Write out exactly the lines of the entries below from the one holding "p17 = place(p16, frame((3.985, 0.0, 0.0)))" to the one holding "8.5, 0.0), z_axis=(0.0, 0.0, 1.0), x_axis=(0.0, -1.0, 0.0)))", inclusive, and leave out all other lines.
BEGIN Listed entries
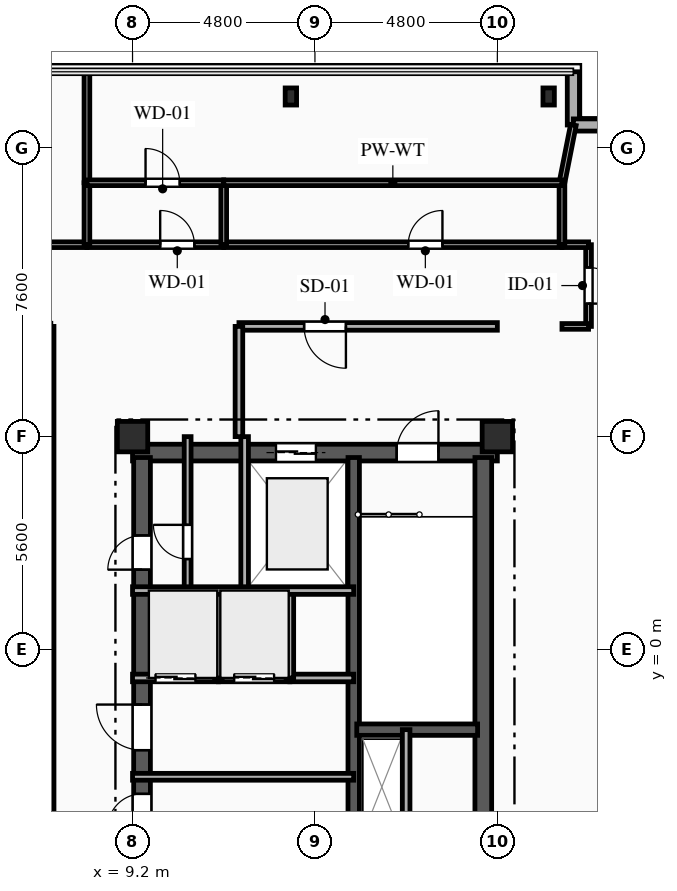
"""IFC4 building model, lengths in metres.
Left out: names, types, materials, properties, quantities, classifications, styles, units other than length and angle.
Written with IfcOpenShell. Run it as: python <this file> out.ifc"""

import sys

from ifc_helpers import new_model, si_unit, direction, frame, frame_2d, origin, origin_2d, place, context, subcontext, project, spatial, rectangle, i_section, extrude, element, fill, save


model = new_model("IFC4")
c1 = context("Model", 3, precision=1e-05, world=origin(), true_north=direction((0.0, 1.0)))
c2 = subcontext(c1, "Body", "Model", "MODEL_VIEW")
j1 = project(units=[si_unit("LENGTHUNIT", "METRE"), si_unit("PLANEANGLEUNIT", "RADIAN")], contexts=[c1])
p1 = place(None, origin())
s1 = spatial("IfcSite", under=j1, at=p1, CompositionType="ELEMENT")
p2 = place(p1, origin())
s2 = spatial("IfcBuilding", under=s1, at=p2, CompositionType="ELEMENT")
p3 = place(p2, frame((0.0, 0.0, 266.0)))
s3 = spatial("IfcBuildingStorey", under=s2, at=p3, CompositionType="ELEMENT", Elevation=266.0)
for number, where, z_axis, x_axis in (
    (1, (9.2, 5.6, 0.0), (0.0, 0.0, 1.0), (1.0, 0.0, 0.0)),
    (2, (18.8, 5.6, 0.0), (0.0, 0.0, 1.0), (1.0, 0.0, 0.0)),
):
    element("IfcColumn", number, at=place(p3, frame(where, z_axis=z_axis, x_axis=x_axis)), inside=s3, PredefinedType="COLUMN", context=c2, shape_type="SweptSolid", body=[
        extrude(rectangle(XDim=0.8, YDim=0.8, at=origin_2d()), origin(), (0.0, 0.0, 1.0), 4.2),
    ])
for number, where, z_axis, x_axis in (
    (3, (20.15, 14.55, 0.0), (0.0, 0.0, 1.0), (1.0, 0.0, 0.0)),
    (4, (13.367, 14.55, 0.0), (0.0, 0.0, 1.0), (1.0, 0.0, 0.0)),
):
    element("IfcColumn", number, at=place(p3, frame(where, z_axis=z_axis, x_axis=x_axis)), inside=s3, PredefinedType="COLUMN", context=c2, shape_type="SweptSolid", body=[
        extrude(i_section(OverallWidth=0.3, OverallDepth=0.45, WebThickness=0.014, FlangeThickness=0.026, FilletRadius=0.027, at=origin_2d()), origin(), (0.0, 0.0, 1.0), 4.2),
    ])
for number, where, z_axis, x_axis in (
    (5, (20.8, 15.2, 0.0), (0.0, 0.0, 1.0), (0.0, -1.0, 0.0)),
    (6, (20.8, 13.8, 0.0), (0.0, 0.0, 1.0), (1.0, 0.0, 0.0)),
):
    element("IfcWall", number, at=place(p3, frame(where, z_axis=z_axis, x_axis=x_axis)), inside=s3, PredefinedType="SOLIDWALL", context=c2, shape_type="SweptSolid", body=[
        extrude(rectangle(XDim=1.4, YDim=0.32, at=frame_2d((0.7, 0.0))), origin(), (0.0, 0.0, 1.0), 3.8),
    ])
p4 = place(p3, frame((9.2, 5.18, 0.0), z_axis=(0.0, 0.0, 1.0), x_axis=(1.0, 0.0, 0.0)))
e7 = element("IfcWall", 7, at=p4, inside=s3, PredefinedType="SHEAR", context=c2, shape_type="SweptSolid", body=[
    extrude(rectangle(XDim=9.6, YDim=0.44, at=frame_2d((4.8, 0.0))), origin(), (0.0, 0.0, 1.0), 3.8),
])
p5 = place(p4, frame((6.95, 0.0, 0.0)))
e8 = element("IfcOpeningElement", 8, at=p5, cuts=e7, PredefinedType="OPENING", context=c2, shape_type="SweptSolid", body=[
    extrude(rectangle(XDim=1.1, YDim=2.15, at=frame_2d((0.55, 1.075))), frame((0.0, 0.23, 0.0), z_axis=(0.0, -1.0, 0.0), x_axis=(1.0, 0.0, 0.0)), (0.0, 0.0, 1.0), 0.46),
])
p6 = place(p4, frame((3.775, 0.0, 0.0)))
e9 = element("IfcOpeningElement", 9, at=p6, cuts=e7, PredefinedType="OPENING", context=c2, shape_type="SweptSolid", body=[
    extrude(rectangle(XDim=1.05, YDim=2.1, at=frame_2d((0.525, 1.05))), frame((0.0, 0.23, 0.0), z_axis=(0.0, -1.0, 0.0), x_axis=(1.0, 0.0, 0.0)), (0.0, 0.0, 1.0), 0.46),
])
p7 = place(p3, frame((9.45, -5.05, 0.0), z_axis=(0.0, 0.0, 1.0), x_axis=(0.0, 1.0, 0.0)))
e10 = element("IfcWall", 10, at=p7, inside=s3, PredefinedType="SHEAR", context=c2, shape_type="SweptSolid", body=[
    extrude(rectangle(XDim=10.1, YDim=0.44, at=frame_2d((5.05, 0.0))), origin(), (0.0, 0.0, 1.0), 3.8),
])
p8 = place(p7, frame((7.15, 0.0, 0.0)))
e11 = element("IfcOpeningElement", 11, at=p8, cuts=e10, PredefinedType="OPENING", context=c2, shape_type="SweptSolid", body=[
    extrude(rectangle(XDim=0.9, YDim=2.1, at=frame_2d((0.45, 1.05))), frame((0.0, 0.23, 0.0), z_axis=(0.0, -1.0, 0.0), x_axis=(1.0, 0.0, 0.0)), (0.0, 0.0, 1.0), 0.46),
])
p9 = place(p7, frame((2.4, 0.0, 0.0)))
e12 = element("IfcOpeningElement", 12, at=p9, cuts=e10, PredefinedType="OPENING", context=c2, shape_type="SweptSolid", body=[
    extrude(rectangle(XDim=1.2, YDim=2.15, at=frame_2d((0.6, 1.075))), frame((0.0, 0.23, 0.0), z_axis=(0.0, -1.0, 0.0), x_axis=(1.0, 0.0, 0.0)), (0.0, 0.0, 1.0), 0.46),
])
p10 = place(p7, frame((0.35, 0.0, 0.0)))
e13 = element("IfcOpeningElement", 13, at=p10, cuts=e10, PredefinedType="OPENING", context=c2, shape_type="SweptSolid", body=[
    extrude(rectangle(XDim=0.9, YDim=2.1, at=frame_2d((0.45, 1.05))), frame((0.0, 0.23, 0.0), z_axis=(0.0, -1.0, 0.0), x_axis=(1.0, 0.0, 0.0)), (0.0, 0.0, 1.0), 0.46),
])
p11 = place(p3, frame((18.43, -5.05, 0.0), z_axis=(0.0, 0.0, 1.0), x_axis=(0.0, 1.0, 0.0)))
e14 = element("IfcWall", 14, at=p11, inside=s3, PredefinedType="SHEAR", context=c2, shape_type="SweptSolid", body=[
    extrude(rectangle(XDim=10.1, YDim=0.44, at=frame_2d((5.05, 0.0))), origin(), (0.0, 0.0, 1.0), 3.8),
])
p12 = place(p3, frame((15.02, -5.05, 0.0), z_axis=(0.0, 0.0, 1.0), x_axis=(0.0, 1.0, 0.0)))
e15 = element("IfcWall", 15, at=p12, inside=s3, PredefinedType="SHEAR", context=c2, shape_type="SweptSolid", body=[
    extrude(rectangle(XDim=10.1, YDim=0.3, at=frame_2d((5.05, 0.0))), origin(), (0.0, 0.0, 1.0), 3.8),
])
p13 = place(p3, frame((15.1, -2.11, 0.0), z_axis=(0.0, 0.0, 1.0), x_axis=(1.0, 0.0, 0.0)))
e16 = element("IfcWall", 16, at=p13, inside=s3, PredefinedType="SHEAR", context=c2, shape_type="SweptSolid", body=[
    extrude(rectangle(XDim=3.18, YDim=0.3, at=frame_2d((1.59, 0.0))), origin(), (0.0, 0.0, 1.0), 3.8),
])
p14 = place(p3, frame((16.4, -2.11, 0.0), z_axis=(0.0, 0.0, 1.0), x_axis=(0.0, -1.0, 0.0)))
e17 = element("IfcWall", 17, at=p14, inside=s3, PredefinedType="PARTITIONING", context=c2, shape_type="SweptSolid", body=[
    extrude(rectangle(XDim=3.49, YDim=0.2, at=frame_2d((1.745, 0.0))), origin(), (0.0, 0.0, 1.0), 3.8),
])
p15 = place(p3, frame((12.15, 5.6, 0.0), z_axis=(0.0, 0.0, 1.0), x_axis=(0.0, -1.0, 0.0)))
e18 = element("IfcWall", 18, at=p15, inside=s3, PredefinedType="PARTITIONING", context=c2, shape_type="SweptSolid", body=[
    extrude(rectangle(XDim=4.05, YDim=0.2, at=frame_2d((2.025, 0.0))), origin(), (0.0, 0.0, 1.0), 3.8),
])
p16 = place(p3, frame((18.8, 8.5, 0.0), z_axis=(0.0, 0.0, 1.0), x_axis=(-1.0, 0.0, 0.0)))
e19 = element("IfcWall", 19, at=p16, inside=s3, PredefinedType="PARTITIONING", context=c2, shape_type="SweptSolid", body=[
    extrude(rectangle(XDim=6.8, YDim=0.2, at=frame_2d((3.4, 0.0))), origin(), (0.0, 0.0, 1.0), 3.8),
])
p17 = place(p16, frame((3.985, 0.0, 0.0)))
e20 = element("IfcOpeningElement", 20, at=p17, cuts=e19, PredefinedType="OPENING", context=c2, shape_type="SweptSolid", body=[
    extrude(rectangle(XDim=1.1, YDim=2.15, at=frame_2d((0.55, 1.075))), frame((0.0, 0.11, 0.0), z_axis=(0.0, -1.0, 0.0), x_axis=(1.0, 0.0, 0.0)), (0.0, 0.0, 1.0), 0.22),
])
p18 = place(p3, frame((12.0, 8.5, 0.0), z_axis=(0.0, 0.0, 1.0), x_axis=(0.0, -1.0, 0.0)))
e21 = element("IfcWall", 21, at=p18, inside=s3, PredefinedType="PARTITIONING", context=c2, shape_type="SweptSolid", body=[
    extrude(rectangle(XDim=2.9, YDim=0.2, at=frame_2d((1.45, 0.0))), origin(), (0.0, 0.0, 1.0), 3.8),
])
p19 = place(p3, frame((10.65, 1.55, 0.0), z_axis=(0.0, 0.0, 1.0), x_axis=(0.0, 1.0, 0.0)))
e22 = element("IfcWall", 22, at=p19, inside=s3, PredefinedType="PARTITIONING", context=c2, shape_type="SweptSolid", body=[
    extrude(rectangle(XDim=4.05, YDim=0.18, at=frame_2d((2.025, 0.0))), origin(), (0.0, 0.0, 1.0), 3.8),
])
p20 = place(p19, frame((0.829, 0.0, 0.0)))
e23 = element("IfcOpeningElement", 23, at=p20, cuts=e22, PredefinedType="OPENING", context=c2, shape_type="SweptSolid", body=[
    extrude(rectangle(XDim=0.9, YDim=2.1, at=frame_2d((0.45, 1.05))), frame((0.0, 0.1, 0.0), z_axis=(0.0, -1.0, 0.0), x_axis=(1.0, 0.0, 0.0)), (0.0, 0.0, 1.0), 0.2),
])
p21 = place(p3, frame((9.2, -3.35, 0.0), z_axis=(0.0, 0.0, 1.0), x_axis=(1.0, 0.0, 0.0)))
e24 = element("IfcWall", 24, at=p21, inside=s3, PredefinedType="PARTITIONING", context=c2, shape_type="SweptSolid", body=[
    extrude(rectangle(XDim=5.82, YDim=0.18, at=frame_2d((2.91, 0.0))), origin(), (0.0, 0.0, 1.0), 3.8),
])
p22 = place(p3, frame((11.46, -0.75, 0.0), z_axis=(0.0, 0.0, 1.0), x_axis=(-1.0, 0.0, 0.0)))
e25 = element("IfcWall", 25, at=p22, inside=s3, PredefinedType="PARTITIONING", context=c2, shape_type="SweptSolid", body=[
    extrude(rectangle(XDim=2.26, YDim=0.2, at=frame_2d((1.13, 0.0))), origin(), (0.0, 0.0, 1.0), 3.8),
])
p23 = place(p22, frame((0.605, 0.0, 0.0)))
e26 = element("IfcOpeningElement", 26, at=p23, cuts=e25, PredefinedType="OPENING", context=c2, shape_type="SweptSolid", body=[
    extrude(rectangle(XDim=1.05, YDim=2.1, at=frame_2d((0.525, 1.05))), frame((0.0, 0.11, 0.0), z_axis=(0.0, -1.0, 0.0), x_axis=(1.0, 0.0, 0.0)), (0.0, 0.0, 1.0), 0.22),
])
p24 = place(p3, frame((13.34, -0.75, 0.0), z_axis=(0.0, 0.0, 1.0), x_axis=(-1.0, 0.0, 0.0)))
e27 = element("IfcWall", 27, at=p24, inside=s3, PredefinedType="PARTITIONING", context=c2, shape_type="SweptSolid", body=[
    extrude(rectangle(XDim=1.88, YDim=0.2, at=frame_2d((0.94, 0.0))), origin(), (0.0, 0.0, 1.0), 3.8),
])
p25 = place(p24, frame((0.415, 0.0, 0.0)))
e28 = element("IfcOpeningElement", 28, at=p25, cuts=e27, PredefinedType="OPENING", context=c2, shape_type="SweptSolid", body=[
    extrude(rectangle(XDim=1.05, YDim=2.1, at=frame_2d((0.525, 1.05))), frame((0.0, 0.11, 0.0), z_axis=(0.0, -1.0, 0.0), x_axis=(1.0, 0.0, 0.0)), (0.0, 0.0, 1.0), 0.22),
])
p26 = place(p3, frame((15.02, -0.75, 0.0), z_axis=(0.0, 0.0, 1.0), x_axis=(-1.0, 0.0, 0.0)))
e29 = element("IfcWall", 29, at=p26, inside=s3, PredefinedType="PARTITIONING", context=c2, shape_type="SweptSolid", body=[
    extrude(rectangle(XDim=1.68, YDim=0.2, at=frame_2d((0.84, 0.0))), origin(), (0.0, 0.0, 1.0), 3.8),
])
for number, where, z_axis, x_axis in (
    (30, (11.46, -0.75, 0.0), (0.0, 0.0, 1.0), (0.0, 1.0, 0.0)),
    (31, (13.34, -0.75, 0.0), (0.0, 0.0, 1.0), (0.0, 1.0, 0.0)),
):
    element("IfcWall", number, at=place(p3, frame(where, z_axis=z_axis, x_axis=x_axis)), inside=s3, PredefinedType="PARTITIONING", context=c2, shape_type="SweptSolid", body=[
        extrude(rectangle(XDim=2.3, YDim=0.2, at=frame_2d((1.15, 0.0))), origin(), (0.0, 0.0, 1.0), 3.8),
    ])
p27 = place(p3, frame((21.2, 10.65, 0.0), z_axis=(0.0, 0.0, 1.0), x_axis=(0.0, -1.0, 0.0)))
e32 = element("IfcWall", 32, at=p27, inside=s3, PredefinedType="PARTITIONING", context=c2, shape_type="SweptSolid", body=[
    extrude(rectangle(XDim=2.15, YDim=0.15, at=frame_2d((1.075, 0.0))), origin(), (0.0, 0.0, 1.0), 3.8),
])
p28 = place(p27, frame((0.6, 0.0, 0.0)))
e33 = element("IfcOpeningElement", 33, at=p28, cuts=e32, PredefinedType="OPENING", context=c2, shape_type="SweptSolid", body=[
END Listed entries
▶ Your response
p17 = place(p16, frame((3.985, 0.0, 0.0)))
e20 = element("IfcOpeningElement", 20, at=p17, cuts=e19, PredefinedType="OPENING", context=c2, shape_type="SweptSolid", body=[
    extrude(rectangle(XDim=1.1, YDim=2.15, at=frame_2d((0.55, 1.075))), frame((0.0, 0.11, 0.0), z_axis=(0.0, -1.0, 0.0), x_axis=(1.0, 0.0, 0.0)), (0.0, 0.0, 1.0), 0.22),
])
p18 = place(p3, frame((12.0, 8.5, 0.0), z_axis=(0.0, 0.0, 1.0), x_axis=(0.0, -1.0, 0.0)))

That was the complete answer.